[Stored items]
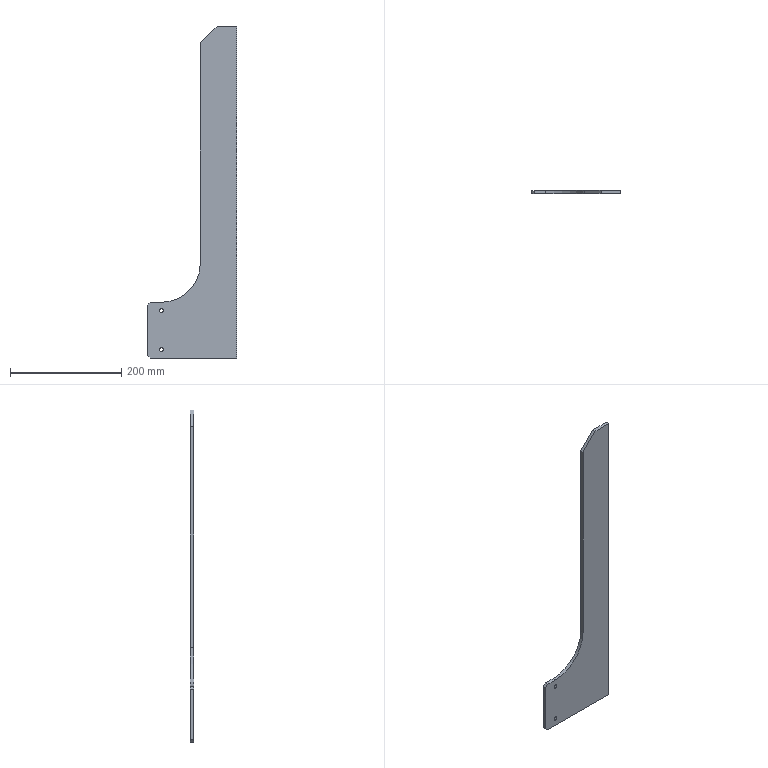Component | SolidWorks | THK-A1011BottomRibPlateLeft-2 | 1 solid | 16 faces | box 160 x 6 x 596 mm | volume 292463 mm3 | plane 11 | cylinder 5 | commonest cylinder face diameters 6.8 x4 140 x1 | material Q235A
build123d program:
from build123d import *

# Parameters (mm, degrees)
BOSS_EXTRUDE1_DEPTH = 3
CHAMFER1_SIZE       = 30
M8_TAPPED_HOLE1_D   = 6.8
CHAMFER2_SIZE       = 5


with BuildPart() as part:
    # Sketch1 → Boss-Extrude1 (new, symmetric)
    with BuildSketch(Plane(origin=(0, 0, 0), x_dir=(1, 0, 0), z_dir=(0, 1, 0))):
        with BuildLine():
            Line((0, 0), (0, -596))
            Line((0, -596), (-65, -596))
            Line((-65, -596), (-65, -170))
            ThreePointArc((-65, -170), (-85.503, -120.503), (-135, -100))
            Line((-135, -100), (-160, -100))
            Line((-160, -100), (-160, 0))
            Line((-160, 0), (0, 0))
        make_face()
    extrude(amount=BOSS_EXTRUDE1_DEPTH, both=True)

    # Chamfer1
    chamfer1_edges = [part.edges().sort_by_distance(p)[0] for p in [
        (-65, 0, 596),
    ]]
    chamfer(chamfer1_edges, length=CHAMFER1_SIZE)

    # M8 Tapped Hole1 (through all)
    with Locations(Plane(origin=(0, 3, 0), x_dir=(1, 0, 0), z_dir=(0, 1, 0))):
        with Locations((-135, -15), (-135, -85)):
            Hole(M8_TAPPED_HOLE1_D / 2)

    # Chamfer2
    chamfer2_edges = [part.edges().sort_by_distance(p)[0] for p in [
        (-160, 0, 100),
        (-160, 0, 0),
    ]]
    chamfer(chamfer2_edges, length=CHAMFER2_SIZE)


solid = part.part

# Placed as in the assembly
solid = solid.moved(Location((-73, -158, -371), (0, 0, 0)))
STEP:
#1=CARTESIAN_POINT('',(-8.189,-6.339,-14.15));
#2=VERTEX_POINT('',#1);
#3=CARTESIAN_POINT('',(-8.189,-6.339,-13.882));
#4=VERTEX_POINT('',#3);
#5=CARTESIAN_POINT('',(-8.189,-6.339,-14.016));
#6=DIRECTION('',(0.,1.,0.));
#7=DIRECTION('',(0.,0.,1.));
#8=AXIS2_PLACEMENT_3D('',#5,#6,#7);
#9=CIRCLE('',#8,0.1339);
#10=EDGE_CURVE('',#2,#4,#9,.T.);
#11=ORIENTED_EDGE('',*,*,#10,.F.);
#12=CARTESIAN_POINT('',(-8.189,-6.102,-14.15));
#13=VERTEX_POINT('',#12);
#14=CARTESIAN_POINT('',(-8.189,-6.102,-14.15));
#15=DIRECTION('',(0.,1.,0.));
#16=VECTOR('',#15,39.37);
#17=LINE('',#14,#16);
#18=EDGE_CURVE('',#2,#13,#17,.T.);
#19=ORIENTED_EDGE('',*,*,#18,.T.);
#20=CARTESIAN_POINT('',(-8.189,-6.102,-13.882));
#21=VERTEX_POINT('',#20);
#22=CARTESIAN_POINT('',(-8.189,-6.102,-14.016));
#23=DIRECTION('',(0.,1.,0.));
#24=DIRECTION('',(0.,0.,1.));
#25=AXIS2_PLACEMENT_3D('',#22,#23,#24);
#26=CIRCLE('',#25,0.1339);
#27=EDGE_CURVE('',#13,#21,#26,.T.);
#28=ORIENTED_EDGE('',*,*,#27,.T.);
#29=CARTESIAN_POINT('',(-8.189,-6.102,-13.882));
#30=DIRECTION('',(0.,1.,0.));
#31=VECTOR('',#30,39.37);
#32=LINE('',#29,#31);
#33=EDGE_CURVE('',#4,#21,#32,.T.);
#34=ORIENTED_EDGE('',*,*,#33,.F.);
#35=EDGE_LOOP('',(#11,#19,#28,#34));
#36=FACE_OUTER_BOUND('',#35,.T.);
#37=CARTESIAN_POINT('',(-8.189,-6.102,-14.016));
#38=DIRECTION('',(0.,1.,0.));
#39=DIRECTION('',(0.,0.,1.));
#40=AXIS2_PLACEMENT_3D('',#37,#38,#39);
#41=CYLINDRICAL_SURFACE('',#40,0.1339);
#42=ADVANCED_FACE('',(#36),#41,.F.);
#43=CARTESIAN_POINT('',(-8.189,-6.339,-11.394));
#44=VERTEX_POINT('',#43);
#45=CARTESIAN_POINT('',(-8.189,-6.339,-11.126));
#46=VERTEX_POINT('',#45);
#47=CARTESIAN_POINT('',(-8.189,-6.339,-11.26));
#48=DIRECTION('',(0.,1.,0.));
#49=DIRECTION('',(0.,0.,1.));
#50=AXIS2_PLACEMENT_3D('',#47,#48,#49);
#51=CIRCLE('',#50,0.1339);
#52=EDGE_CURVE('',#44,#46,#51,.T.);
#53=ORIENTED_EDGE('',*,*,#52,.F.);
#54=CARTESIAN_POINT('',(-8.189,-6.102,-11.394));
#55=VERTEX_POINT('',#54);
#56=CARTESIAN_POINT('',(-8.189,-6.102,-11.394));
#57=DIRECTION('',(0.,1.,0.));
#58=VECTOR('',#57,39.37);
#59=LINE('',#56,#58);
#60=EDGE_CURVE('',#44,#55,#59,.T.);
#61=ORIENTED_EDGE('',*,*,#60,.T.);
#62=CARTESIAN_POINT('',(-8.189,-6.102,-11.126));
#63=VERTEX_POINT('',#62);
#64=CARTESIAN_POINT('',(-8.189,-6.102,-11.26));
#65=DIRECTION('',(0.,1.,0.));
#66=DIRECTION('',(0.,0.,1.));
#67=AXIS2_PLACEMENT_3D('',#64,#65,#66);
#68=CIRCLE('',#67,0.1339);
#69=EDGE_CURVE('',#55,#63,#68,.T.);
#70=ORIENTED_EDGE('',*,*,#69,.T.);
#71=CARTESIAN_POINT('',(-8.189,-6.102,-11.126));
#72=DIRECTION('',(0.,1.,0.));
#73=VECTOR('',#72,39.37);
#74=LINE('',#71,#73);
#75=EDGE_CURVE('',#46,#63,#74,.T.);
#76=ORIENTED_EDGE('',*,*,#75,.F.);
#77=EDGE_LOOP('',(#53,#61,#70,#76));
#78=FACE_OUTER_BOUND('',#77,.T.);
#79=CARTESIAN_POINT('',(-8.189,-6.102,-11.26));
#80=DIRECTION('',(0.,1.,0.));
#81=DIRECTION('',(0.,0.,1.));
#82=AXIS2_PLACEMENT_3D('',#79,#80,#81);
#83=CYLINDRICAL_SURFACE('',#82,0.1339);
#84=ADVANCED_FACE('',(#78),#83,.F.);
#85=CARTESIAN_POINT('',(-2.874,-6.339,-14.606));
#86=VERTEX_POINT('',#85);
#87=CARTESIAN_POINT('',(-8.976,-6.339,-14.606));
#88=VERTEX_POINT('',#87);
#89=CARTESIAN_POINT('',(-2.874,-6.339,-14.606));
#90=DIRECTION('',(-1.,0.,0.));
#91=VECTOR('',#90,39.37);
#92=LINE('',#89,#91);
#93=EDGE_CURVE('',#86,#88,#92,.T.);
#94=ORIENTED_EDGE('',*,*,#93,.T.);
#95=CARTESIAN_POINT('',(-8.976,-6.102,-14.606));
#96=VERTEX_POINT('',#95);
#97=CARTESIAN_POINT('',(-8.976,-6.102,-14.606));
#98=DIRECTION('',(0.,1.,0.));
#99=VECTOR('',#98,39.37);
#100=LINE('',#97,#99);
#101=EDGE_CURVE('',#88,#96,#100,.T.);
#102=ORIENTED_EDGE('',*,*,#101,.T.);
#103=CARTESIAN_POINT('',(-2.874,-6.102,-14.606));
#104=VERTEX_POINT('',#103);
#105=CARTESIAN_POINT('',(-2.874,-6.102,-14.606));
#106=DIRECTION('',(-1.,0.,0.));
#107=VECTOR('',#106,39.37);
#108=LINE('',#105,#107);
#109=EDGE_CURVE('',#104,#96,#108,.T.);
#110=ORIENTED_EDGE('',*,*,#109,.F.);
#111=CARTESIAN_POINT('',(-2.874,-6.102,-14.606));
#112=DIRECTION('',(0.,-1.,0.));
#113=VECTOR('',#112,39.37);
#114=LINE('',#111,#113);
#115=EDGE_CURVE('',#104,#86,#114,.T.);
#116=ORIENTED_EDGE('',*,*,#115,.T.);
#117=EDGE_LOOP('',(#94,#102,#110,#116));
#118=FACE_OUTER_BOUND('',#117,.T.);
#119=CARTESIAN_POINT('',(-2.874,-6.102,-14.606));
#120=DIRECTION('',(0.,0.,1.));
#121=DIRECTION('',(1.,0.,-0.));
#122=AXIS2_PLACEMENT_3D('',#119,#120,#121);
#123=PLANE('',#122);
#124=ADVANCED_FACE('',(#118),#123,.F.);
#125=CARTESIAN_POINT('',(-9.173,-6.339,-14.409));
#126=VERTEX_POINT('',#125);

Your objective
Leaving out every picture, repeat exactly the lines of the records from the start through the line that has "# M8 Tapped Hole1 (through all)".

Finished task
Component | SolidWorks | THK-A1011BottomRibPlateLeft-2 | 1 solid | 16 faces | box 160 x 6 x 596 mm | volume 292463 mm3 | plane 11 | cylinder 5 | commonest cylinder face diameters 6.8 x4 140 x1 | material Q235A
build123d program:
from build123d import *

# Parameters (mm, degrees)
BOSS_EXTRUDE1_DEPTH = 3
CHAMFER1_SIZE       = 30
M8_TAPPED_HOLE1_D   = 6.8
CHAMFER2_SIZE       = 5


with BuildPart() as part:
    # Sketch1 → Boss-Extrude1 (new, symmetric)
    with BuildSketch(Plane(origin=(0, 0, 0), x_dir=(1, 0, 0), z_dir=(0, 1, 0))):
        with BuildLine():
            Line((0, 0), (0, -596))
            Line((0, -596), (-65, -596))
            Line((-65, -596), (-65, -170))
            ThreePointArc((-65, -170), (-85.503, -120.503), (-135, -100))
            Line((-135, -100), (-160, -100))
            Line((-160, -100), (-160, 0))
            Line((-160, 0), (0, 0))
        make_face()
    extrude(amount=BOSS_EXTRUDE1_DEPTH, both=True)

    # Chamfer1
    chamfer1_edges = [part.edges().sort_by_distance(p)[0] for p in [
        (-65, 0, 596),
    ]]
    chamfer(chamfer1_edges, length=CHAMFER1_SIZE)

    # M8 Tapped Hole1 (through all)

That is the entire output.